Task statement
Pull each line holding the word "through" from the data.

Task inputs
****
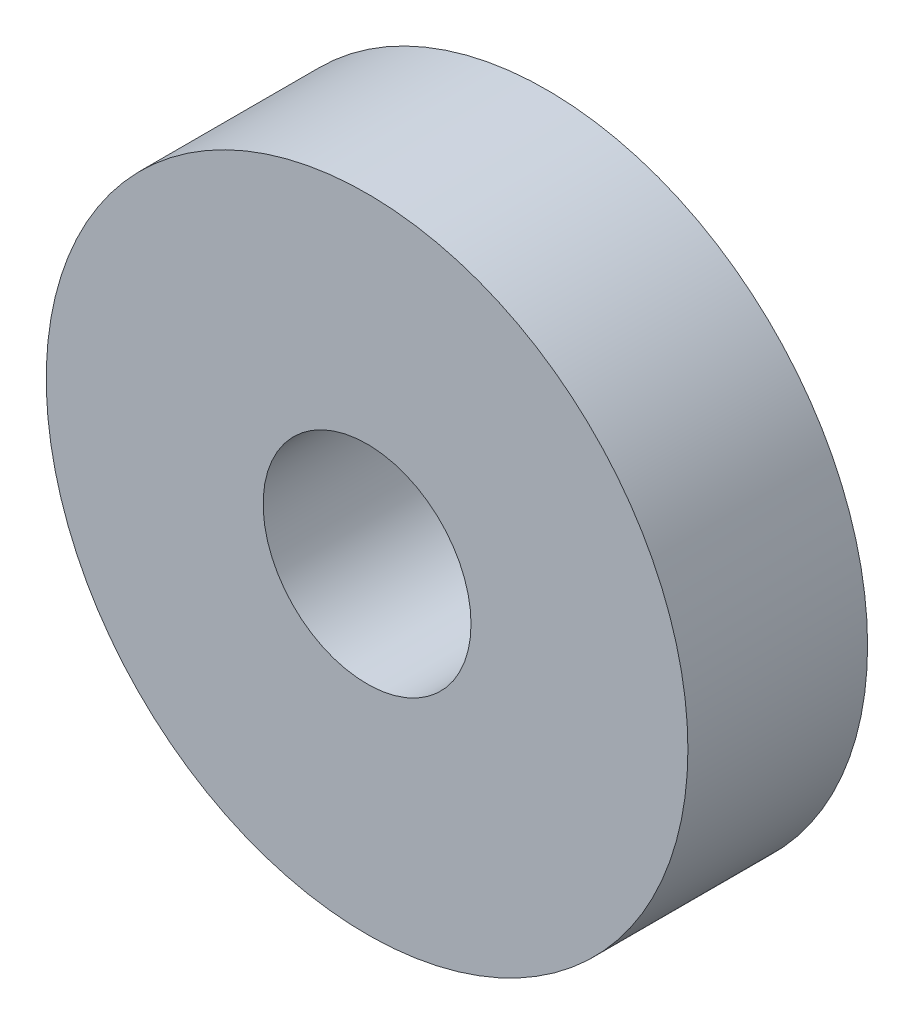
SolidWorks part; units mm, degrees
ref_plane "前视基准面" through (0, 0, 0) normal (0, 0, 1) x (1, 0, 0)
ref_plane "上视基准面" through (0, 0, 0) normal (0, 1, 0) x (1, 0, 0)
ref_plane "右视基准面" through (0, 0, 0) normal (1, 0, 0) x (0, 0, -1)
other "Configuration Table"
sketch "草图1" plane through (0, 0, 0) normal (0, 0, 1) x (1, 0, 0)
  circle A0 centre (0, 0) radius 25
  circle A1 centre (0, 0) radius 8.1
  point P0 (0, 0)
  dimension "D1" = 16.2
  dimension "D2" = 50
extrude "凸台-拉伸1" add sketch "草图1" against normal mid plane 14
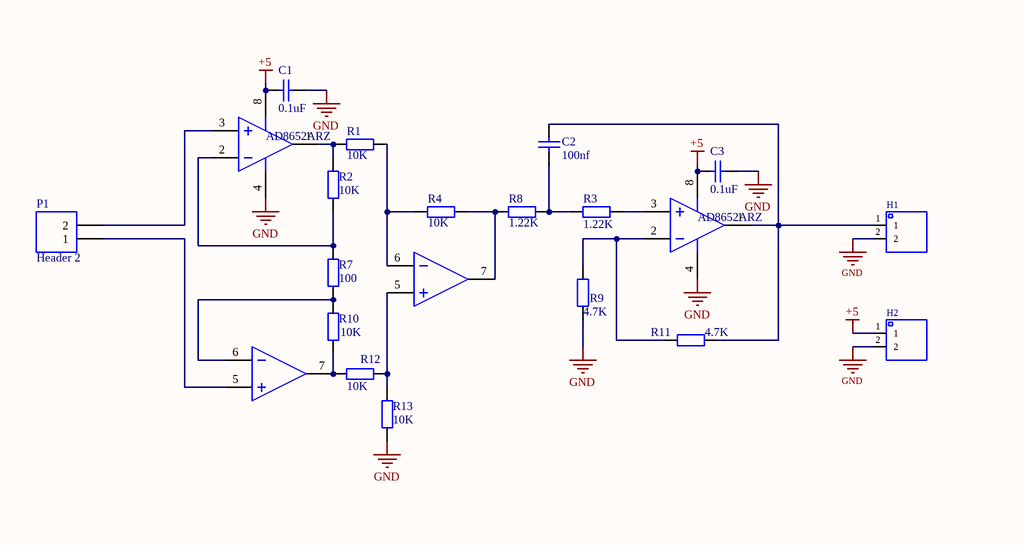
[diagram p0: MISC49864-3.schdoc, left]
# Altium project MISC49864-2.PrjPcb
1 sheet, 19 parts. Net scope: global (net labels, ports and power ports of the same name join across sheets).
Board file: MISC49864.pcbdoc

## Sheet MISC49864-3.schdoc
size 566 x 399 mm; DocumentNumber: MISC49864; SheetNumber: 1; SheetTotal: 1; Name: MISC49864

### Parts
C1  value 0.1uF  [CAP-TH_L5.0-W2.5-P5.00-D1.0]  (hidden comment: Cap)
C2  value 100nf  [CAP-TH_L5.0-W2.5-P5.00-D1.0]  (hidden comment: Cap)
C3  value 0.1uF  [CAP-TH_L5.0-W2.5-P5.00-D1.0]  (hidden comment: Cap)
H1  (no value)  [HDR-TH_2P-P2.54-V-M-1]
H2  (no value)  [HDR-TH_2P-P2.54-V-M-1]
P1  Header 2  [HDR-TH_2P-P2.54-V-M-1]
R1  10K  [R0603_SMD-CRCW060327R0FKEA]
R2  10K  [R0603_SMD-CRCW060327R0FKEA]
R3  1.22K  [R0603_SMD-CRCW060327R0FKEA]
R4  10K  [R0603_SMD-CRCW060327R0FKEA]
R7  100  [R0603_SMD-CRCW060327R0FKEA]
R8  1.22K  [R0603_SMD-CRCW060327R0FKEA]
R9  4.7K  [R0603_SMD-CRCW060327R0FKEA]
R10  10K  [R0603_SMD-CRCW060327R0FKEA]
R11  4.7K  [R0603_SMD-CRCW060327R0FKEA]
R12  10K  [R0603_SMD-CRCW060327R0FKEA]
R13  10K  [R0603_SMD-CRCW060327R0FKEA]
U1  AD8652ARZ  [SOIC-8_L4.9-W3.9-P1.27-LS6.0-BL]  (parts A,B of 2)
U2  AD8652ARZ  [SOIC-8_L4.9-W3.9-P1.27-LS6.0-BL]  (parts A,B of 2)

### Nets
+5: C1.1 C3.1 H2.1 U1.8(V+) U2.8(V+)
GND: C1.2 C3.2 H1.2 H2.2 R9.1 R13.2 U1.4(V-) U2.4(V-)
NetC2_1: C2.1 H1.1 R11.2 U2.1(OUTA)
NetC2_2: C2.2 R3.1 R8.2
NetP1_1: P1.1 U1.5(+INB)
NetP1_2: P1.2 U1.3(+INA)
NetR1_1: R1.1 R4.2 U2.6(-INB)
NetR1_2: R1.2 R2.2 U1.1(OUTA)
NetR2_1: R2.1 R7.2 U1.2(-INA)
NetR3_2: R3.2 U2.3(+INA)
NetR4_1: R4.1 R8.1 U2.7(OUTB)
NetR7_1: R7.1 R10.2 U1.6(-INB)
NetR9_2: R9.2 R11.1 U2.2(-INA)
NetR10_1: R10.1 R12.2 U1.7(OUTB)
NetR12_1: R12.1 R13.1 U2.5(+INB)

### Library data of the parts
C1 = Cap: Capacitor; Origin Footprint: 0805; UniqueId: 5fb4f22ffcb6a001; AddInBom: yes; Device: Cap; Published: 8-Jun-2000; LatestRevisionDate: 17-Jul-2002; LatestRevisionNote: Re-released for DXP Platform.; PackageReference: RAD-0.3; PackageDescription: Radial Cap, Thru-Hole; 2 Leads; 0.3 in Pin Spacing; DesignItemID: Cap; LibraryName: AD1; SymbolName: Cap; Publisher: Altium Limited
C2 = Cap: Capacitor; Origin Footprint: 0805; UniqueId: 21d50210554cb61f; AddInBom: yes; Device: Cap; Published: 8-Jun-2000; LatestRevisionDate: 17-Jul-2002; LatestRevisionNote: Re-released for DXP Platform.; PackageReference: RAD-0.3; PackageDescription: Radial Cap, Thru-Hole; 2 Leads; 0.3 in Pin Spacing; DesignItemID: Cap; LibraryName: AD1; SymbolName: Cap; Publisher: Altium Limited
C3 = Cap: Capacitor; Origin Footprint: 0805; UniqueId: ec64484c8c07847f; AddInBom: yes; Device: Cap; Published: 8-Jun-2000; LatestRevisionDate: 17-Jul-2002; LatestRevisionNote: Re-released for DXP Platform.; PackageReference: RAD-0.3; PackageDescription: Radial Cap, Thru-Hole; 2 Leads; 0.3 in Pin Spacing; DesignItemID: Cap; LibraryName: AD1; SymbolName: Cap; Publisher: Altium Limited
H1 H2 = HDR-M_2.54_1x2P: Symbol: 210S-1*2P L=11.6MMGold-plated black; ConvertToPcb: yes; ModelId: 79b2e9f2d70a4d68a1b7098f27c6d4c50819f05c4eef4c71ace90d822a990e87; ModelName: HDR-M-2.54_1x2; ModelTransform: 200,100,0,0,0,0,0,0,-118.11; Device: HDR-M_2.54_1x2P; AddInBom: yes; SupplierPart: C124375; Supplier Footprint: 插件; FootprintName: HDR-TH_2P-P2.54-V-M-1
P1 = Header 2: Header, 2-Pin; Origin Footprint: HDR1X2; UniqueId: f88e3064cb77b82c; AddInBom: yes; Device: Header 2; LatestRevisionDate: 17-Jul-2002; LatestRevisionNote: Re-released for DXP Platform.; DesignItemID: Header 2; LibraryName: Miscellaneous Connectors; SymbolName: Header 2; Publisher: Altium Limited
R1 = 10K_1: Resistor; Value: RMK1608MB472JM; CommValue: 4.7kΩ; Origin Footprint: 0805; UniqueId: 4e166b190d4de1c3; SymbolName: Res0805; AddInBom: yes; Device: 10K_1; Published: 2014-3-10; LatestRevisionDate: 2014-3-10; LatestRevisionNote: AD10; PackageDescription: SR; Materi: Resistor; DesignItemID: Res0805; LibraryName: strain_gage; Publisher: SAST_HZ
R2 = 10K: Resistor; Value: RMK1608MB472JM; CommValue: 4.7kΩ; Origin Footprint: 0805; UniqueId: 06442d24ab060343; SymbolName: Res0805; AddInBom: yes; Device: 10K; Published: 2014-3-10; LatestRevisionDate: 2014-3-10; LatestRevisionNote: AD10; PackageDescription: SR; Materi: Resistor; DesignItemID: Res0805; LibraryName: strain_gage; Publisher: SAST_HZ
R3 = 1.22K: Resistor; Origin Footprint: 0805; UniqueId: 6e26aea592918673; SymbolName: Res2; AddInBom: yes; Device: 1.22K; Published: 8-Jun-2000; LatestRevisionDate: 17-Jul-2002; LatestRevisionNote: Re-released for DXP Platform.; PackageReference: AXIAL-0.4; PackageDescription: Axial Device, Thru-Hole; 2 Leads; 0.4 in Pin Spacing; DesignItemID: Res2; LibraryName: AD1; Publisher: Altium Limited
R4 = 10K_1: Resistor; Value: RMK1608MB472JM; CommValue: 4.7kΩ; Origin Footprint: 0805; UniqueId: 49359f7360e76581; SymbolName: Res0805; AddInBom: yes; Device: 10K_1; Published: 2014-3-10; LatestRevisionDate: 2014-3-10; LatestRevisionNote: AD10; PackageDescription: SR; Materi: Resistor; DesignItemID: Res0805; LibraryName: strain_gage; Publisher: SAST_HZ
R7 = 100: Resistor; Value: RMK1608MB472JM; CommValue: 4.7kΩ; Origin Footprint: 0805; UniqueId: 01f5c70ff2630ee7; SymbolName: Res0805; AddInBom: yes; Device: 100; Published: 2014-3-10; LatestRevisionDate: 2014-3-10; LatestRevisionNote: AD10; PackageDescription: SR; Materi: Resistor; DesignItemID: Res0805; LibraryName: strain_gage; Publisher: SAST_HZ
R8 = 1.22K: Resistor; Origin Footprint: 0805; UniqueId: f0665cc51e401020; SymbolName: Res2; AddInBom: yes; Device: 1.22K; Published: 8-Jun-2000; LatestRevisionDate: 17-Jul-2002; LatestRevisionNote: Re-released for DXP Platform.; PackageReference: AXIAL-0.4; PackageDescription: Axial Device, Thru-Hole; 2 Leads; 0.4 in Pin Spacing; DesignItemID: Res2; LibraryName: AD1; Publisher: Altium Limited
R9 = 4.7K: Resistor; Value: RMK1608MB472JM; CommValue: 4.7kΩ; Origin Footprint: 0805; UniqueId: 7a9d276dcc23a651; SymbolName: Res0805; AddInBom: yes; Device: 4.7K; Published: 2014-3-10; LatestRevisionDate: 2014-3-10; LatestRevisionNote: AD10; PackageDescription: SR; Materi: Resistor; DesignItemID: Res0805; LibraryName: strain_gage; Publisher: SAST_HZ
R10 = 10K: Resistor; Value: RMK1608MB472JM; CommValue: 4.7kΩ; Origin Footprint: 0805; UniqueId: 7663007c1f2bc029; SymbolName: Res0805; AddInBom: yes; Device: 10K; Published: 2014-3-10; LatestRevisionDate: 2014-3-10; LatestRevisionNote: AD10; PackageDescription: SR; Materi: Resistor; DesignItemID: Res0805; LibraryName: strain_gage; Publisher: SAST_HZ
R11 = 4.7K_1: Resistor; Value: RMK1608MB472JM; CommValue: 4.7kΩ; Origin Footprint: 0805; UniqueId: 069ba0dc55a84bc8; SymbolName: Res0805; AddInBom: yes; Device: 4.7K_1; Published: 2014-3-10; LatestRevisionDate: 2014-3-10; LatestRevisionNote: AD10; PackageDescription: SR; Materi: Resistor; DesignItemID: Res0805; LibraryName: strain_gage; Publisher: SAST_HZ
R12 = 10K_1: Resistor; Value: RMK1608MB472JM; CommValue: 4.7kΩ; Origin Footprint: 0805; UniqueId: f574a6082c36e6cb; SymbolName: Res0805; AddInBom: yes; Device: 10K_1; Published: 2014-3-10; LatestRevisionDate: 2014-3-10; LatestRevisionNote: AD10; PackageDescription: SR; Materi: Resistor; DesignItemID: Res0805; LibraryName: strain_gage; Publisher: SAST_HZ
R13 = 10K: Resistor; Value: RMK1608MB472JM; CommValue: 4.7kΩ; Origin Footprint: 0805; UniqueId: ff7631ddbc1e2fda; SymbolName: Res0805; AddInBom: yes; Device: 10K; Published: 2014-3-10; LatestRevisionDate: 2014-3-10; LatestRevisionNote: AD10; PackageDescription: SR; Materi: Resistor; DesignItemID: Res0805; LibraryName: strain_gage; Publisher: SAST_HZ
U1 = AD8652ARZ: Manufact: ADI/LINEAR; Add into BOM: yes; Number of Circuits: 2; Gain Bandwidth Product(GBP): 50MHz; Slew Rate(SR): 41V/us; UniqueId: 48a4a086d8c42a18; Device: AD8652ARZ; LCSC Part Name: AD8652ARZ; Supplier Part: C207966; Manufacturer Part: AD8652ARZ; Supplier Footprint: SOIC-8; JLCPCB Part Class: Extended Part; Datasheet: https://atta.szlcsc.com/upload/public/pdf/source/20180424/C207966_515245321259DBE42786E38615D37704.pdf; Supplier: LCSC; Convert to PCB: yes; DesignItemID: AD8652ARZ; LibraryName: strain_gage; SymbolName: AD8652ARZ; FootprintName: SOIC-8_L4.9-W3.9-P1.27-LS6.0-BL
U2 = AD8652ARZ: Manufact: ADI/LINEAR; Add into BOM: yes; Number of Circuits: 2; Gain Bandwidth Product(GBP): 50MHz; Slew Rate(SR): 41V/us; UniqueId: d74c11912b695046; Device: AD8652ARZ; LCSC Part Name: AD8652ARZ; Supplier Part: C207966; Manufacturer Part: AD8652ARZ; Supplier Footprint: SOIC-8; JLCPCB Part Class: Extended Part; Datasheet: https://atta.szlcsc.com/upload/public/pdf/source/20180424/C207966_515245321259DBE42786E38615D37704.pdf; Supplier: LCSC; Convert to PCB: yes; DesignItemID: AD8652ARZ; LibraryName: strain_gage; SymbolName: AD8652ARZ; FootprintName: SOIC-8_L4.9-W3.9-P1.27-LS6.0-BL
****
Result for this task
ref_plane "前视基准面" through (0, 0, 0) normal (0, 0, 1) x (1, 0, 0)
ref_plane "上视基准面" through (0, 0, 0) normal (0, 1, 0) x (1, 0, 0)
ref_plane "右视基准面" through (0, 0, 0) normal (1, 0, 0) x (0, 0, -1)
sketch "草图1" plane through (0, 0, 0) normal (0, 0, 1) x (1, 0, 0)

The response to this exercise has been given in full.